Collected data

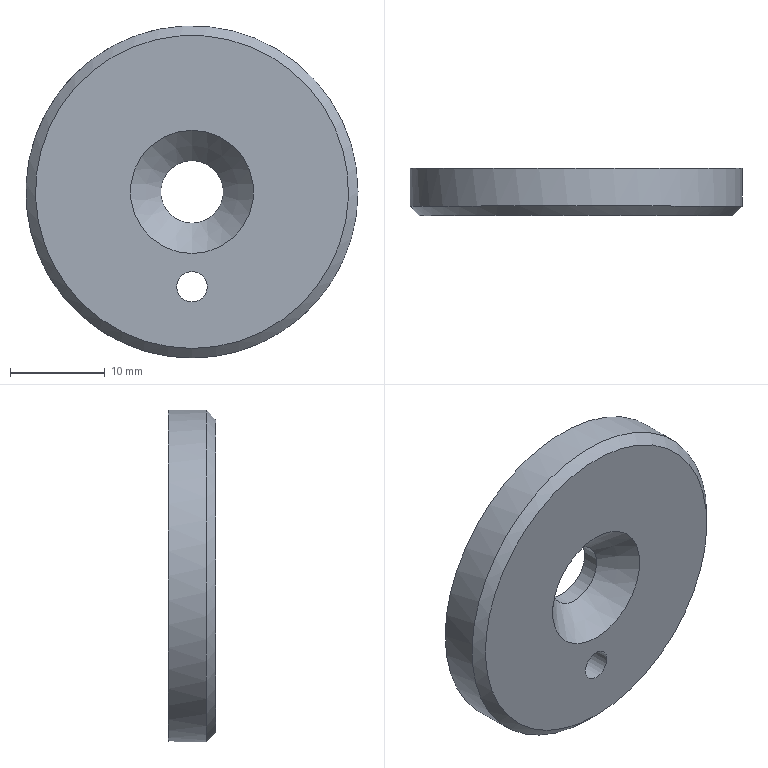Component | NX | CIRCLIP_35 | 1 solid | 7 faces | box 35 x 5 x 35 mm | volume 4405 mm3 | cylinder 3 | plane 2 | cone 2 | commonest cylinder face diameters 35 x1 6.6 x1 3.2 x1
STEP:
#1=CARTESIAN_POINT('',(0.,0.,0.));
#2=DIRECTION('',(0.,0.,1.));
#3=DIRECTION('',(1.,0.,0.));
#4=AXIS2_PLACEMENT_3D('',#1,#2,#3);
#5=CARTESIAN_POINT('',(378.803,-176.75,-152.5));
#6=VERTEX_POINT('',#5);
#7=CARTESIAN_POINT('',(396.303,-176.75,-135.));
#8=VERTEX_POINT('',#7);
#9=CARTESIAN_POINT('',(378.803,-176.75,-135.));
#10=DIRECTION('',(0.,1.,0.));
#11=DIRECTION('',(0.,0.,-1.));
#12=AXIS2_PLACEMENT_3D('',#9,#10,#11);
#13=CIRCLE('',#12,17.5);
#14=CARTESIAN_POINT('',(378.803,-177.75,-135.));
#15=DIRECTION('',(0.,1.,0.));
#16=DIRECTION('',(0.,0.,1.));
#17=AXIS2_PLACEMENT_3D('',#14,#15,#16);
#18=CYLINDRICAL_SURFACE('',#17,17.5);
#19=CARTESIAN_POINT('',(3.142,1.));
#20=DIRECTION('',(1.,0.));
#21=VECTOR('',#20,1.);
#22=LINE('',#19,#21);
#23=(GEOMETRIC_REPRESENTATION_CONTEXT(2)PARAMETRIC_REPRESENTATION_CONTEXT()REPRESENTATION_CONTEXT('',''));
#24=DEFINITIONAL_REPRESENTATION('',(#22),#23);
#25=PCURVE('',#18,#24);
#26=CARTESIAN_POINT('',(378.803,-177.75,-135.));
#27=DIRECTION('',(0.,1.,0.));
#28=DIRECTION('',(0.,0.,1.));
#29=AXIS2_PLACEMENT_3D('',#26,#27,#28);
#30=CONICAL_SURFACE('',#29,16.5,0.7854);
#31=CARTESIAN_POINT('',(3.142,1.));
#32=DIRECTION('',(1.,0.));
#33=VECTOR('',#32,1.);
#34=LINE('',#31,#33);
#35=(GEOMETRIC_REPRESENTATION_CONTEXT(2)PARAMETRIC_REPRESENTATION_CONTEXT()REPRESENTATION_CONTEXT('',''));
#36=DEFINITIONAL_REPRESENTATION('',(#34),#35);
#37=PCURVE('',#30,#36);
#38=SURFACE_CURVE('',#13,(#25,#37),.PCURVE_S1.);
#39=EDGE_CURVE('',#6,#8,#38,.T.);
#40=ORIENTED_EDGE('',*,*,#39,.T.);
#41=CARTESIAN_POINT('',(396.303,-172.75,-135.));
#42=VERTEX_POINT('',#41);
#43=CARTESIAN_POINT('',(396.303,-176.75,-135.));
#44=CARTESIAN_POINT('',(396.303,-172.75,-135.));
#45=B_SPLINE_CURVE_WITH_KNOTS('',1,(#43,#44),.UNSPECIFIED.,.F.,.F.,(2,2),(1.,5.),.PIECEWISE_BEZIER_KNOTS.);
#46=CARTESIAN_POINT('',(7.854,0.));
#47=DIRECTION('',(0.,1.));
#48=VECTOR('',#47,1.);
#49=LINE('',#46,#48);
#50=(GEOMETRIC_REPRESENTATION_CONTEXT(2)PARAMETRIC_REPRESENTATION_CONTEXT()REPRESENTATION_CONTEXT('',''));
#51=DEFINITIONAL_REPRESENTATION('',(#49),#50);
#52=PCURVE('',#18,#51);
#53=CARTESIAN_POINT('',(1.571,0.));
#54=DIRECTION('',(0.,1.));
#55=VECTOR('',#54,1.);
#56=LINE('',#53,#55);
#57=(GEOMETRIC_REPRESENTATION_CONTEXT(2)PARAMETRIC_REPRESENTATION_CONTEXT()REPRESENTATION_CONTEXT('',''));
#58=DEFINITIONAL_REPRESENTATION('',(#56),#57);
#59=PCURVE('',#18,#58);
#60=SEAM_CURVE('',#45,(#52,#59),.PCURVE_S1.);
#61=EDGE_CURVE('',#8,#42,#60,.T.);
#62=ORIENTED_EDGE('',*,*,#61,.T.);
#63=CARTESIAN_POINT('',(378.803,-172.75,-135.));
#64=DIRECTION('',(0.,-1.,0.));
#65=DIRECTION('',(1.,0.,0.));
#66=AXIS2_PLACEMENT_3D('',#63,#64,#65);
#67=CIRCLE('',#66,17.5);
#68=CARTESIAN_POINT('',(7.854,5.));
#69=DIRECTION('',(-1.,0.));
#70=VECTOR('',#69,1.);
#71=LINE('',#68,#70);
#72=(GEOMETRIC_REPRESENTATION_CONTEXT(2)PARAMETRIC_REPRESENTATION_CONTEXT()REPRESENTATION_CONTEXT('',''));
#73=DEFINITIONAL_REPRESENTATION('',(#71),#72);
#74=PCURVE('',#18,#73);
#75=CARTESIAN_POINT('',(378.803,-172.75,-135.));
#76=DIRECTION('',(0.,-1.,0.));
#77=DIRECTION('',(0.,0.,-1.));
#78=AXIS2_PLACEMENT_3D('',#75,#76,#77);
#79=PLANE('',#78);
#80=CARTESIAN_POINT('',(0.,0.));
#81=DIRECTION('',(0.,1.));
#82=AXIS2_PLACEMENT_2D('',#80,#81);
#83=CIRCLE('',#82,17.5);
#84=(GEOMETRIC_REPRESENTATION_CONTEXT(2)PARAMETRIC_REPRESENTATION_CONTEXT()REPRESENTATION_CONTEXT('',''));
#85=DEFINITIONAL_REPRESENTATION('',(#83),#84);
#86=PCURVE('',#79,#85);
#87=SURFACE_CURVE('',#67,(#74,#86),.PCURVE_S1.);
#88=EDGE_CURVE('',#42,#42,#87,.T.);
#89=ORIENTED_EDGE('',*,*,#88,.T.);
#90=ORIENTED_EDGE('',*,*,#61,.F.);
#91=CARTESIAN_POINT('',(378.803,-176.75,-135.));
#92=DIRECTION('',(0.,1.,0.));
#93=DIRECTION('',(0.,0.,-1.));
#94=AXIS2_PLACEMENT_3D('',#91,#92,#93);
#95=CIRCLE('',#94,17.5);
#96=CARTESIAN_POINT('',(-3.142,1.));
#97=DIRECTION('',(1.,0.));
#98=VECTOR('',#97,1.);
#99=LINE('',#96,#98);
#100=(GEOMETRIC_REPRESENTATION_CONTEXT(2)PARAMETRIC_REPRESENTATION_CONTEXT()REPRESENTATION_CONTEXT('',''));
#101=DEFINITIONAL_REPRESENTATION('',(#99),#100);
#102=PCURVE('',#18,#101);
#103=CARTESIAN_POINT('',(3.142,1.));
#104=DIRECTION('',(1.,0.));
#105=VECTOR('',#104,1.);
#106=LINE('',#103,#105);
#107=(GEOMETRIC_REPRESENTATION_CONTEXT(2)PARAMETRIC_REPRESENTATION_CONTEXT()REPRESENTATION_CONTEXT('',''));
#108=DEFINITIONAL_REPRESENTATION('',(#106),#107);
#109=PCURVE('',#30,#108);
#110=SURFACE_CURVE('',#95,(#102,#109),.PCURVE_S1.);
#111=EDGE_CURVE('',#8,#6,#110,.T.);
#112=ORIENTED_EDGE('',*,*,#111,.T.);
#113=EDGE_LOOP('',(#40,#62,#89,#90,#112));
#114=FACE_BOUND('',#113,.T.);
#115=ADVANCED_FACE('',(#114),#18,.T.);
#116=CARTESIAN_POINT('',(378.803,-177.75,-143.4));
#117=VERTEX_POINT('',#116);
#118=CARTESIAN_POINT('',(378.803,-177.75,-145.));
#119=DIRECTION('',(0.,1.,0.));
#120=DIRECTION('',(0.,0.,1.));
#121=AXIS2_PLACEMENT_3D('',#118,#119,#120);
#122=CIRCLE('',#121,1.6);
#123=CARTESIAN_POINT('',(378.803,-177.75,-135.));
#124=DIRECTION('',(0.,-1.,0.));
#125=DIRECTION('',(0.,0.,-1.));
#126=AXIS2_PLACEMENT_3D('',#123,#124,#125);
#127=PLANE('',#126);
#128=CARTESIAN_POINT('',(8.4,0.));
#129=CARTESIAN_POINT('',(8.4,2.771));
#130=CARTESIAN_POINT('',(10.8,1.386));
#131=CARTESIAN_POINT('',(13.2,0.));
#132=CARTESIAN_POINT('',(10.8,-1.386));
#133=CARTESIAN_POINT('',(8.4,-2.771));
#134=CARTESIAN_POINT('',(8.4,0.));
#135=(BOUNDED_CURVE()B_SPLINE_CURVE(2,(#128,#129,#130,#131,#132,#133,#134),.UNSPECIFIED.,.T.,.F.)B_SPLINE_CURVE_WITH_KNOTS((1,2,2,2,2,1),(-2.094,0.,2.094,4.189,6.283,8.378),.UNSPECIFIED.)CURVE()GEOMETRIC_REPRESENTATION_ITEM()RATIONAL_B_SPLINE_CURVE((1.,0.5,1.,0.5,1.,0.5,1.))REPRESENTATION_ITEM(''));
#136=(GEOMETRIC_REPRESENTATION_CONTEXT(2)PARAMETRIC_REPRESENTATION_CONTEXT()REPRESENTATION_CONTEXT('',''));
#137=DEFINITIONAL_REPRESENTATION('',(#135),#136);
#138=PCURVE('',#127,#137);
#139=CARTESIAN_POINT('',(378.803,-177.75,-145.));
#140=DIRECTION('',(0.,1.,0.));
#141=DIRECTION('',(0.,0.,1.));
#142=AXIS2_PLACEMENT_3D('',#139,#140,#141);
#143=CYLINDRICAL_SURFACE('',#142,1.6);
#144=CARTESIAN_POINT('',(0.,0.));
#145=DIRECTION('',(1.,0.));
#146=VECTOR('',#145,1.);
#147=LINE('',#144,#146);
#148=(GEOMETRIC_REPRESENTATION_CONTEXT(2)PARAMETRIC_REPRESENTATION_CONTEXT()REPRESENTATION_CONTEXT('',''));
#149=DEFINITIONAL_REPRESENTATION('',(#147),#148);
#150=PCURVE('',#143,#149);
#151=SURFACE_CURVE('',#122,(#138,#150),.PCURVE_S1.);
#152=EDGE_CURVE('',#117,#117,#151,.T.);
#153=ORIENTED_EDGE('',*,*,#152,.T.);
#154=EDGE_LOOP('',(#153));
#155=FACE_BOUND('',#154,.T.);
#156=CARTESIAN_POINT('',(378.803,-177.75,-151.5));
#157=VERTEX_POINT('',#156);
#158=CARTESIAN_POINT('',(378.803,-177.75,-135.));
#159=DIRECTION('',(0.,-1.,0.));
#160=DIRECTION('',(0.,0.,-1.));
#161=AXIS2_PLACEMENT_3D('',#158,#159,#160);
#162=CIRCLE('',#161,16.5);
#163=CARTESIAN_POINT('',(0.,0.));
#164=DIRECTION('',(1.,0.));
#165=AXIS2_PLACEMENT_2D('',#163,#164);
#166=CIRCLE('',#165,16.5);
#167=(GEOMETRIC_REPRESENTATION_CONTEXT(2)PARAMETRIC_REPRESENTATION_CONTEXT()REPRESENTATION_CONTEXT('',''));
#168=DEFINITIONAL_REPRESENTATION('',(#166),#167);
#169=PCURVE('',#127,#168);
#170=CARTESIAN_POINT('',(9.425,0.));
#171=DIRECTION('',(-1.,0.));
#172=VECTOR('',#171,1.);
#173=LINE('',#170,#172);
#174=(GEOMETRIC_REPRESENTATION_CONTEXT(2)PARAMETRIC_REPRESENTATION_CONTEXT()REPRESENTATION_CONTEXT('',''));
#175=DEFINITIONAL_REPRESENTATION('',(#173),#174);
#176=PCURVE('',#30,#175);
#177=SURFACE_CURVE('',#162,(#169,#176),.PCURVE_S1.);
#178=EDGE_CURVE('',#157,#157,#177,.T.);
#179=ORIENTED_EDGE('',*,*,#178,.T.);
#180=EDGE_LOOP('',(#179));
#181=FACE_BOUND('',#180,.T.);
#182=CARTESIAN_POINT('',(378.803,-177.75,-128.5));
#183=VERTEX_POINT('',#182);
#184=CARTESIAN_POINT('',(378.803,-177.75,-135.));
#185=DIRECTION('',(0.,1.,0.));
#186=DIRECTION('',(0.,0.,1.));
#187=AXIS2_PLACEMENT_3D('',#184,#185,#186);
#188=CIRCLE('',#187,6.5);
#189=CARTESIAN_POINT('',(-6.5,0.));
#190=CARTESIAN_POINT('',(-6.5,11.258));
#191=CARTESIAN_POINT('',(3.25,5.629));
#192=CARTESIAN_POINT('',(13.,0.));
#193=CARTESIAN_POINT('',(3.25,-5.629));
#194=CARTESIAN_POINT('',(-6.5,-11.258));
#195=CARTESIAN_POINT('',(-6.5,0.));
#196=(BOUNDED_CURVE()B_SPLINE_CURVE(2,(#189,#190,#191,#192,#193,#194,#195),.UNSPECIFIED.,.T.,.F.)B_SPLINE_CURVE_WITH_KNOTS((1,2,2,2,2,1),(-2.094,0.,2.094,4.189,6.283,8.378),.UNSPECIFIED.)CURVE()GEOMETRIC_REPRESENTATION_ITEM()RATIONAL_B_SPLINE_CURVE((1.,0.5,1.,0.5,1.,0.5,1.))REPRESENTATION_ITEM(''));
#197=(GEOMETRIC_REPRESENTATION_CONTEXT(2)PARAMETRIC_REPRESENTATION_CONTEXT()REPRESENTATION_CONTEXT('',''));
#198=DEFINITIONAL_REPRESENTATION('',(#196),#197);
#199=PCURVE('',#127,#198);
#200=CARTESIAN_POINT('',(378.803,-177.75,-135.));
#201=DIRECTION('',(0.,-1.,0.));
#202=DIRECTION('',(0.,0.,-1.));
#203=AXIS2_PLACEMENT_3D('',#200,#201,#202);
#204=CONICAL_SURFACE('',#203,6.5,0.7854);
#205=CARTESIAN_POINT('',(9.425,0.));
#206=DIRECTION('',(-1.,0.));
#207=VECTOR('',#206,1.);
#208=LINE('',#205,#207);
#209=(GEOMETRIC_REPRESENTATION_CONTEXT(2)PARAMETRIC_REPRESENTATION_CONTEXT()REPRESENTATION_CONTEXT('',''));
#210=DEFINITIONAL_REPRESENTATION('',(#208),#209);
#211=PCURVE('',#204,#210);
#212=SURFACE_CURVE('',#188,(#199,#211),.PCURVE_S1.);
#213=EDGE_CURVE('',#183,#183,#212,.T.);
#214=ORIENTED_EDGE('',*,*,#213,.T.);
#215=EDGE_LOOP('',(#214));
#216=FACE_BOUND('',#215,.T.);
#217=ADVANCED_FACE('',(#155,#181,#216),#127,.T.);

Task
Reproduce the entries above exactly, but only the lines between the line holding "#69=DIRECTION('',(-1.,0.));" and the line holding "#90=ORIENTED_EDGE('',*,*,#61,.F.);", inclusive.

Reply to the task
#69=DIRECTION('',(-1.,0.));
#70=VECTOR('',#69,1.);
#71=LINE('',#68,#70);
#72=(GEOMETRIC_REPRESENTATION_CONTEXT(2)PARAMETRIC_REPRESENTATION_CONTEXT()REPRESENTATION_CONTEXT('',''));
#73=DEFINITIONAL_REPRESENTATION('',(#71),#72);
#74=PCURVE('',#18,#73);
#75=CARTESIAN_POINT('',(378.803,-172.75,-135.));
#76=DIRECTION('',(0.,-1.,0.));
#77=DIRECTION('',(0.,0.,-1.));
#78=AXIS2_PLACEMENT_3D('',#75,#76,#77);
#79=PLANE('',#78);
#80=CARTESIAN_POINT('',(0.,0.));
#81=DIRECTION('',(0.,1.));
#82=AXIS2_PLACEMENT_2D('',#80,#81);
#83=CIRCLE('',#82,17.5);
#84=(GEOMETRIC_REPRESENTATION_CONTEXT(2)PARAMETRIC_REPRESENTATION_CONTEXT()REPRESENTATION_CONTEXT('',''));
#85=DEFINITIONAL_REPRESENTATION('',(#83),#84);
#86=PCURVE('',#79,#85);
#87=SURFACE_CURVE('',#67,(#74,#86),.PCURVE_S1.);
#88=EDGE_CURVE('',#42,#42,#87,.T.);
#89=ORIENTED_EDGE('',*,*,#88,.T.);
#90=ORIENTED_EDGE('',*,*,#61,.F.);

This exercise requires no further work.